(Stored data entries)
::::

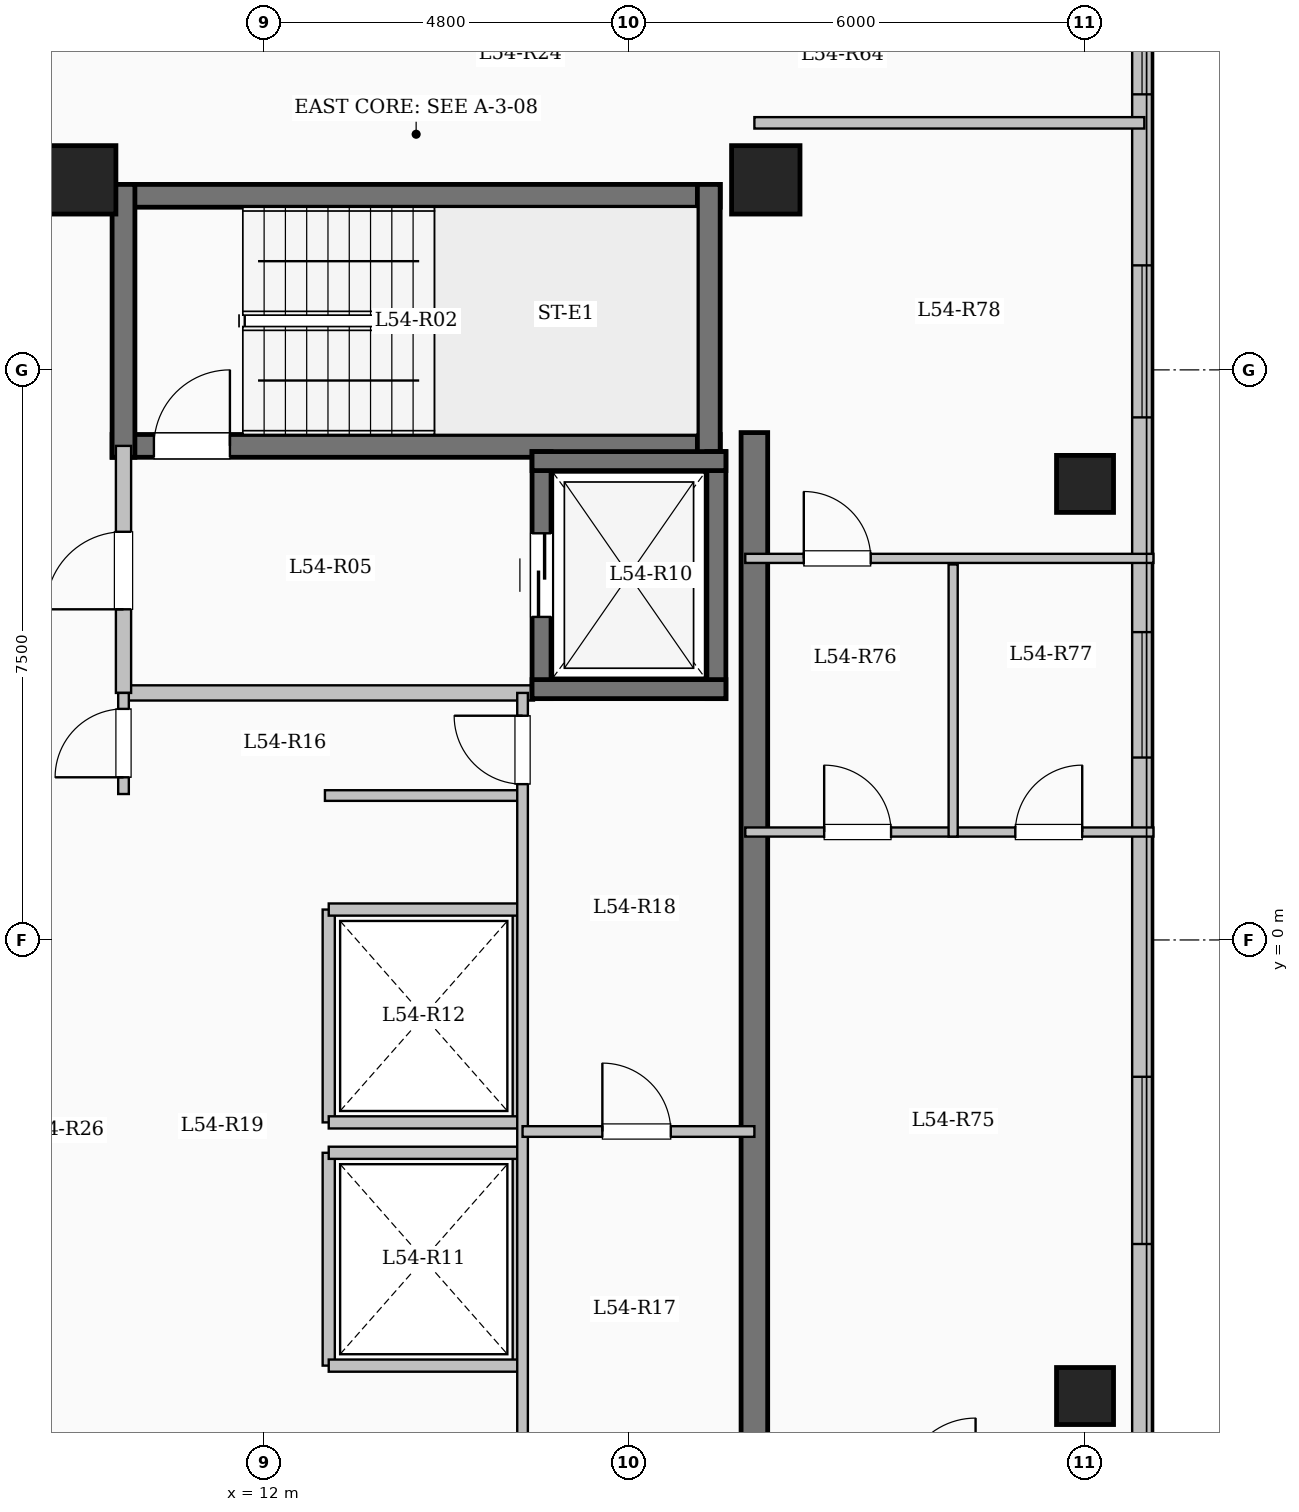
"""IFC4 building model, lengths in metres.
Left out: names, types, materials, properties, quantities, classifications, styles, units other than length and angle.
Written with IfcOpenShell. Run it as: python <this file> out.ifc"""

import sys

from ifc_helpers import new_model, si_unit, direction, frame, frame_2d, origin, origin_2d, place, context, subcontext, project, spatial, rectangle, extrude, element, fill, save


model = new_model("IFC4")
c1 = context("Model", 3, precision=1e-05, world=origin(), true_north=direction((0.0, 1.0)))
c2 = subcontext(c1, "Body", "Model", "MODEL_VIEW")
j1 = project(units=[si_unit("LENGTHUNIT", "METRE"), si_unit("PLANEANGLEUNIT", "RADIAN")], contexts=[c1])
p1 = place(None, origin())
s1 = spatial("IfcSite", under=j1, at=p1, CompositionType="ELEMENT")
p2 = place(p1, origin())
s2 = spatial("IfcBuilding", under=s1, at=p2, CompositionType="ELEMENT")
p3 = place(p2, frame((0.0, 0.0, 200.3)))
s3 = spatial("IfcBuildingStorey", under=s2, at=p3, CompositionType="ELEMENT", Elevation=200.3)
for number, where, z_axis, x_axis in (
    (1, (9.6, 10.0, 0.0), (0.0, 0.0, 1.0), (1.0, 0.0, 0.0)),
    (2, (18.6, 10.0, 0.0), (0.0, 0.0, 1.0), (1.0, 0.0, 0.0)),
):
    element("IfcColumn", number, at=place(p3, frame(where, z_axis=z_axis, x_axis=x_axis)), inside=s3, PredefinedType="COLUMN", context=c2, shape_type="SweptSolid", body=[
        extrude(rectangle(XDim=0.9, YDim=0.9, at=origin_2d()), origin(), (0.0, 0.0, 1.0), 3.35),
    ])
for number, where, z_axis, x_axis in (
    (3, (22.8, -6.0, 0.0), (0.0, 0.0, 1.0), (1.0, 0.0, 0.0)),
    (4, (22.8, 6.0, 0.0), (0.0, 0.0, 1.0), (1.0, 0.0, 0.0)),
):
    element("IfcColumn", number, at=place(p3, frame(where, z_axis=z_axis, x_axis=x_axis)), inside=s3, PredefinedType="COLUMN", context=c2, shape_type="SweptSolid", body=[
        extrude(rectangle(XDim=0.75, YDim=0.75, at=origin_2d()), origin(), (0.0, 0.0, 1.0), 3.35),
    ])
p4 = place(p3, frame((23.55, 17.25, 0.0), z_axis=(0.0, 0.0, 1.0), x_axis=(0.0, -1.0, 0.0)))
e5 = element("IfcWall", 5, at=p4, inside=s3, PredefinedType="SOLIDWALL", context=c2, shape_type="SweptSolid", body=[
    extrude(rectangle(XDim=34.5, YDim=0.26, at=frame_2d((17.25, 0.0))), origin(), (0.0, 0.0, 1.0), 3.1),
])
p5 = place(p4, frame((1.375, 0.0, 0.9)))
e6 = element("IfcOpeningElement", 6, at=p5, cuts=e5, PredefinedType="OPENING", context=c2, shape_type="SweptSolid", body=[
    extrude(rectangle(XDim=2.0, YDim=1.7, at=frame_2d((1.0, 0.85))), frame((0.0, 0.14, 0.0), z_axis=(0.0, -1.0, 0.0), x_axis=(1.0, 0.0, 0.0)), (0.0, 0.0, 1.0), 0.28),
])
p6 = place(p4, frame((5.125, 0.0, 0.95)))
e7 = element("IfcOpeningElement", 7, at=p6, cuts=e5, PredefinedType="OPENING", context=c2, shape_type="SweptSolid", body=[
    extrude(rectangle(XDim=1.0, YDim=1.5, at=frame_2d((0.5, 0.75))), frame((0.0, 0.14, 0.0), z_axis=(0.0, -1.0, 0.0), x_axis=(1.0, 0.0, 0.0)), (0.0, 0.0, 1.0), 0.28),
])
p7 = place(p4, frame((8.375, 0.0, 0.9)))
e8 = element("IfcOpeningElement", 8, at=p7, cuts=e5, PredefinedType="OPENING", context=c2, shape_type="SweptSolid", body=[
    extrude(rectangle(XDim=2.0, YDim=1.7, at=frame_2d((1.0, 0.85))), frame((0.0, 0.14, 0.0), z_axis=(0.0, -1.0, 0.0), x_axis=(1.0, 0.0, 0.0)), (0.0, 0.0, 1.0), 0.28),
])
p8 = place(p4, frame((13.2, 0.0, 0.9)))
e9 = element("IfcOpeningElement", 9, at=p8, cuts=e5, PredefinedType="OPENING", context=c2, shape_type="SweptSolid", body=[
    extrude(rectangle(XDim=1.65, YDim=1.6, at=frame_2d((0.825, 0.8))), frame((0.0, 0.14, 0.0), z_axis=(0.0, -1.0, 0.0), x_axis=(1.0, 0.0, 0.0)), (0.0, 0.0, 1.0), 0.28),
])
p9 = place(p4, frame((19.05, 0.0, 0.9)))
e10 = element("IfcOpeningElement", 10, at=p9, cuts=e5, PredefinedType="OPENING", context=c2, shape_type="SweptSolid", body=[
    extrude(rectangle(XDim=2.2, YDim=1.75, at=frame_2d((1.1, 0.875))), frame((0.0, 0.14, 0.0), z_axis=(0.0, -1.0, 0.0), x_axis=(1.0, 0.0, 0.0)), (0.0, 0.0, 1.0), 0.28),
])
p10 = place(p4, frame((24.975, 0.0, 0.95)))
e11 = element("IfcOpeningElement", 11, at=p10, cuts=e5, PredefinedType="OPENING", context=c2, shape_type="SweptSolid", body=[
    extrude(rectangle(XDim=1.2, YDim=1.5, at=frame_2d((0.6, 0.75))), frame((0.0, 0.14, 0.0), z_axis=(0.0, -1.0, 0.0), x_axis=(1.0, 0.0, 0.0)), (0.0, 0.0, 1.0), 0.28),
])
p11 = place(p4, frame((29.475, 0.0, 0.9)))
e12 = element("IfcOpeningElement", 12, at=p11, cuts=e5, PredefinedType="OPENING", context=c2, shape_type="SweptSolid", body=[
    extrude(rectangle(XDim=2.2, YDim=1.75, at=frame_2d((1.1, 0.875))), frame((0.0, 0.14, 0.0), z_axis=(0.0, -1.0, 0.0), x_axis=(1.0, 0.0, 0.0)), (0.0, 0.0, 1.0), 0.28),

::::

#### YOUR GOAL:
Copy out the lines of the records above in which the string "direction" appears.

#### RESPONSE BELOW:
from ifc_helpers import new_model, si_unit, direction, frame, frame_2d, origin, origin_2d, place, context, subcontext, project, spatial, rectangle, extrude, element, fill, save
c1 = context("Model", 3, precision=1e-05, world=origin(), true_north=direction((0.0, 1.0)))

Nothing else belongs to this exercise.